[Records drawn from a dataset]
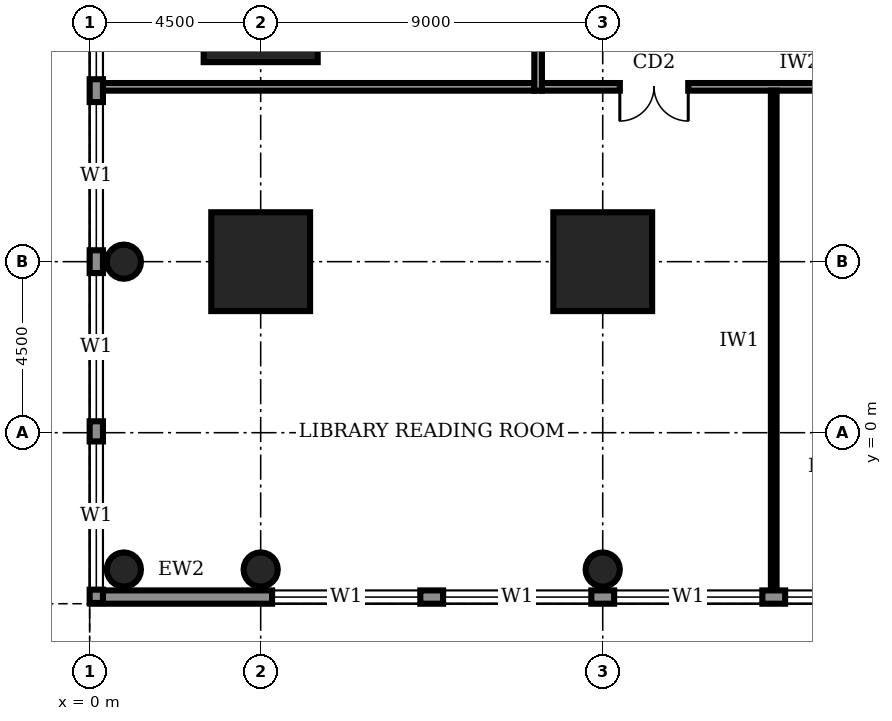
"""IFC4 building model, lengths in metres.
Left out: names, types, materials, properties, quantities, classifications, styles, units other than length and angle.
Written with IfcOpenShell. Run it as: python <this file> out.ifc"""

import sys

from ifc_helpers import new_model, si_unit, direction, frame, frame_2d, origin, origin_2d, place, context, subcontext, project, spatial, rectangle, circle, extrude, element, fill, save


model = new_model("IFC4")
c1 = context("Model", 3, precision=1e-05, world=origin(), true_north=direction((0.0, 1.0)))
c2 = subcontext(c1, "Body", "Model", "MODEL_VIEW")
j1 = project(units=[si_unit("LENGTHUNIT", "METRE"), si_unit("PLANEANGLEUNIT", "RADIAN")], contexts=[c1])
p1 = place(None, origin())
s1 = spatial("IfcSite", under=j1, at=p1, CompositionType="ELEMENT")
p2 = place(p1, origin())
s2 = spatial("IfcBuilding", under=s1, at=p2, CompositionType="ELEMENT")
p3 = place(p2, frame((0.0, 0.0, 11.0)))
s3 = spatial("IfcBuildingStorey", under=s2, at=p3, CompositionType="ELEMENT", Elevation=11.0)
for number, where, z_axis, x_axis in (
    (1, (4.5, 4.5, 0.0), (0.0, 0.0, 1.0), (1.0, 0.0, 0.0)),
    (2, (13.5, 4.5, 0.0), (0.0, 0.0, 1.0), (1.0, 0.0, 0.0)),
):
    element("IfcColumn", number, at=place(p3, frame(where, z_axis=z_axis, x_axis=x_axis)), inside=s3, PredefinedType="COLUMN", context=c2, shape_type="SweptSolid", body=[
        extrude(rectangle(XDim=2.6, YDim=2.6, at=origin_2d()), origin(), (0.0, 0.0, 1.0), 5.0),
    ])
p4 = place(p3, frame((4.5, 11.25, 0.0), z_axis=(0.0, 0.0, 1.0), x_axis=(1.0, 0.0, 0.0)))
e3 = element("IfcColumn", 3, at=p4, inside=s3, PredefinedType="COLUMN", context=c2, shape_type="SweptSolid", body=[
    extrude(rectangle(XDim=3.0, YDim=3.0, at=origin_2d()), origin(), (0.0, 0.0, 1.0), 5.0),
])
for number, where, z_axis, x_axis in (
    (4, (0.9, -3.6, 0.0), (0.0, 0.0, 1.0), (1.0, 0.0, 0.0)),
    (5, (4.5, -3.6, 0.0), (0.0, 0.0, 1.0), (1.0, 0.0, 0.0)),
    (6, (13.5, -3.6, 0.0), (0.0, 0.0, 1.0), (1.0, 0.0, 0.0)),
    (7, (0.9, 4.5, 0.0), (0.0, 0.0, 1.0), (1.0, 0.0, 0.0)),
):
    element("IfcColumn", number, at=place(p3, frame(where, z_axis=z_axis, x_axis=x_axis)), inside=s3, PredefinedType="COLUMN", context=c2, shape_type="SweptSolid", body=[
        extrude(circle(Radius=0.45, at=origin_2d()), origin(), (0.0, 0.0, 1.0), 5.0),
    ])
p5 = place(p3, frame((0.02, -4.325, 0.0), z_axis=(0.0, 0.0, 1.0), x_axis=(1.0, 0.0, 0.0)))
e8 = element("IfcWall", 8, at=p5, inside=s3, PredefinedType="STANDARD", context=c2, shape_type="SweptSolid", body=[
    extrude(rectangle(XDim=98.96, YDim=0.35, at=frame_2d((49.48, 0.0))), origin(), (0.0, 0.0, 1.0), 4.7),
])
p6 = place(p5, frame((4.78, 0.0, 0.9)))
e9 = element("IfcOpeningElement", 9, at=p6, cuts=e8, PredefinedType="OPENING", context=c2, shape_type="SweptSolid", body=[
    extrude(rectangle(XDim=3.9, YDim=2.2, at=frame_2d((1.95, 1.1))), frame((0.0, 0.185, 0.0), z_axis=(0.0, -1.0, 0.0), x_axis=(1.0, 0.0, 0.0)), (0.0, 0.0, 1.0), 0.37),
])
p7 = place(p5, frame((9.28, 0.0, 0.9)))
e10 = element("IfcOpeningElement", 10, at=p7, cuts=e8, PredefinedType="OPENING", context=c2, shape_type="SweptSolid", body=[
    extrude(rectangle(XDim=3.9, YDim=2.2, at=frame_2d((1.95, 1.1))), frame((0.0, 0.185, 0.0), z_axis=(0.0, -1.0, 0.0), x_axis=(1.0, 0.0, 0.0)), (0.0, 0.0, 1.0), 0.37),
])
p8 = place(p5, frame((13.78, 0.0, 0.9)))
e11 = element("IfcOpeningElement", 11, at=p8, cuts=e8, PredefinedType="OPENING", context=c2, shape_type="SweptSolid", body=[
    extrude(rectangle(XDim=3.9, YDim=2.2, at=frame_2d((1.95, 1.1))), frame((0.0, 0.185, 0.0), z_axis=(0.0, -1.0, 0.0), x_axis=(1.0, 0.0, 0.0)), (0.0, 0.0, 1.0), 0.37),
])
p9 = place(p5, frame((18.28, 0.0, 0.9)))
e12 = element("IfcOpeningElement", 12, at=p9, cuts=e8, PredefinedType="OPENING", context=c2, shape_type="SweptSolid", body=[
    extrude(rectangle(XDim=3.9, YDim=2.2, at=frame_2d((1.95, 1.1))), frame((0.0, 0.185, 0.0), z_axis=(0.0, -1.0, 0.0), x_axis=(1.0, 0.0, 0.0)), (0.0, 0.0, 1.0), 0.37),
])
p10 = place(p5, frame((22.78, 0.0, 0.9)))
e13 = element("IfcOpeningElement", 13, at=p10, cuts=e8, PredefinedType="OPENING", context=c2, shape_type="SweptSolid", body=[
    extrude(rectangle(XDim=3.9, YDim=2.2, at=frame_2d((1.95, 1.1))), frame((0.0, 0.185, 0.0), z_axis=(0.0, -1.0, 0.0), x_axis=(1.0, 0.0, 0.0)), (0.0, 0.0, 1.0), 0.37),
])
p11 = place(p5, frame((27.28, 0.0, 0.9)))
e14 = element("IfcOpeningElement", 14, at=p11, cuts=e8, PredefinedType="OPENING", context=c2, shape_type="SweptSolid", body=[
    extrude(rectangle(XDim=3.9, YDim=2.2, at=frame_2d((1.95, 1.1))), frame((0.0, 0.185, 0.0), z_axis=(0.0, -1.0, 0.0), x_axis=(1.0, 0.0, 0.0)), (0.0, 0.0, 1.0), 0.37),
])
p12 = place(p5, frame((31.78, 0.0, 0.9)))
e15 = element("IfcOpeningElement", 15, at=p12, cuts=e8, PredefinedType="OPENING", context=c2, shape_type="SweptSolid", body=[
    extrude(rectangle(XDim=3.9, YDim=2.2, at=frame_2d((1.95, 1.1))), frame((0.0, 0.185, 0.0), z_axis=(0.0, -1.0, 0.0), x_axis=(1.0, 0.0, 0.0)), (0.0, 0.0, 1.0), 0.37),
])
p13 = place(p5, frame((36.28, 0.0, 0.9)))
e16 = element("IfcOpeningElement", 16, at=p13, cuts=e8, PredefinedType="OPENING", context=c2, shape_type="SweptSolid", body=[
    extrude(rectangle(XDim=3.9, YDim=2.2, at=frame_2d((1.95, 1.1))), frame((0.0, 0.185, 0.0), z_axis=(0.0, -1.0, 0.0), x_axis=(1.0, 0.0, 0.0)), (0.0, 0.0, 1.0), 0.37),
])
p14 = place(p5, frame((40.78, 0.0, 0.9)))
e17 = element("IfcOpeningElement", 17, at=p14, cuts=e8, PredefinedType="OPENING", context=c2, shape_type="SweptSolid", body=[
    extrude(rectangle(XDim=3.9, YDim=2.2, at=frame_2d((1.95, 1.1))), frame((0.0, 0.185, 0.0), z_axis=(0.0, -1.0, 0.0), x_axis=(1.0, 0.0, 0.0)), (0.0, 0.0, 1.0), 0.37),
])
p15 = place(p5, frame((45.28, 0.0, 0.9)))
e18 = element("IfcOpeningElement", 18, at=p15, cuts=e8, PredefinedType="OPENING", context=c2, shape_type="SweptSolid", body=[
    extrude(rectangle(XDim=3.9, YDim=2.2, at=frame_2d((1.95, 1.1))), frame((0.0, 0.185, 0.0), z_axis=(0.0, -1.0, 0.0), x_axis=(1.0, 0.0, 0.0)), (0.0, 0.0, 1.0), 0.37),
])
p16 = place(p5, frame((49.78, 0.0, 0.9)))
e19 = element("IfcOpeningElement", 19, at=p16, cuts=e8, PredefinedType="OPENING", context=c2, shape_type="SweptSolid", body=[
    extrude(rectangle(XDim=3.9, YDim=2.2, at=frame_2d((1.95, 1.1))), frame((0.0, 0.185, 0.0), z_axis=(0.0, -1.0, 0.0), x_axis=(1.0, 0.0, 0.0)), (0.0, 0.0, 1.0), 0.37),
])
p17 = place(p5, frame((54.28, 0.0, 0.9)))
e20 = element("IfcOpeningElement", 20, at=p17, cuts=e8, PredefinedType="OPENING", context=c2, shape_type="SweptSolid", body=[
    extrude(rectangle(XDim=3.9, YDim=2.2, at=frame_2d((1.95, 1.1))), frame((0.0, 0.185, 0.0), z_axis=(0.0, -1.0, 0.0), x_axis=(1.0, 0.0, 0.0)), (0.0, 0.0, 1.0), 0.37),
])
p18 = place(p5, frame((58.78, 0.0, 0.9)))
e21 = element("IfcOpeningElement", 21, at=p18, cuts=e8, PredefinedType="OPENING", context=c2, shape_type="SweptSolid", body=[
    extrude(rectangle(XDim=3.9, YDim=2.2, at=frame_2d((1.95, 1.1))), frame((0.0, 0.185, 0.0), z_axis=(0.0, -1.0, 0.0), x_axis=(1.0, 0.0, 0.0)), (0.0, 0.0, 1.0), 0.37),
])
p19 = place(p5, frame((63.28, 0.0, 0.9)))
e22 = element("IfcOpeningElement", 22, at=p19, cuts=e8, PredefinedType="OPENING", context=c2, shape_type="SweptSolid", body=[
    extrude(rectangle(XDim=3.9, YDim=2.2, at=frame_2d((1.95, 1.1))), frame((0.0, 0.185, 0.0), z_axis=(0.0, -1.0, 0.0), x_axis=(1.0, 0.0, 0.0)), (0.0, 0.0, 1.0), 0.37),
])
p20 = place(p5, frame((67.78, 0.0, 0.9)))
e23 = element("IfcOpeningElement", 23, at=p20, cuts=e8, PredefinedType="OPENING", context=c2, shape_type="SweptSolid", body=[
    extrude(rectangle(XDim=3.9, YDim=2.2, at=frame_2d((1.95, 1.1))), frame((0.0, 0.185, 0.0), z_axis=(0.0, -1.0, 0.0), x_axis=(1.0, 0.0, 0.0)), (0.0, 0.0, 1.0), 0.37),
])
p21 = place(p5, frame((72.28, 0.0, 0.9)))
e24 = element("IfcOpeningElement", 24, at=p21, cuts=e8, PredefinedType="OPENING", context=c2, shape_type="SweptSolid", body=[
    extrude(rectangle(XDim=3.9, YDim=2.2, at=frame_2d((1.95, 1.1))), frame((0.0, 0.185, 0.0), z_axis=(0.0, -1.0, 0.0), x_axis=(1.0, 0.0, 0.0)), (0.0, 0.0, 1.0), 0.37),
])
p22 = place(p5, frame((76.78, 0.0, 0.9)))
e25 = element("IfcOpeningElement", 25, at=p22, cuts=e8, PredefinedType="OPENING", context=c2, shape_type="SweptSolid", body=[
    extrude(rectangle(XDim=3.9, YDim=2.2, at=frame_2d((1.95, 1.1))), frame((0.0, 0.185, 0.0), z_axis=(0.0, -1.0, 0.0), x_axis=(1.0, 0.0, 0.0)), (0.0, 0.0, 1.0), 0.37),
])
p23 = place(p5, frame((81.28, 0.0, 0.9)))
e26 = element("IfcOpeningElement", 26, at=p23, cuts=e8, PredefinedType="OPENING", context=c2, shape_type="SweptSolid", body=[
    extrude(rectangle(XDim=3.9, YDim=2.2, at=frame_2d((1.95, 1.1))), frame((0.0, 0.185, 0.0), z_axis=(0.0, -1.0, 0.0), x_axis=(1.0, 0.0, 0.0)), (0.0, 0.0, 1.0), 0.37),
])
p24 = place(p5, frame((85.78, 0.0, 0.9)))
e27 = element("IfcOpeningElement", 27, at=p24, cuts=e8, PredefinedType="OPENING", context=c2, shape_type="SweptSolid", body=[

### Task directions
All the lines that hold the word "under" must appear in the answer, copied from the records.

### Solution to this exercise
s1 = spatial("IfcSite", under=j1, at=p1, CompositionType="ELEMENT")
s2 = spatial("IfcBuilding", under=s1, at=p2, CompositionType="ELEMENT")
s3 = spatial("IfcBuildingStorey", under=s2, at=p3, CompositionType="ELEMENT", Elevation=11.0)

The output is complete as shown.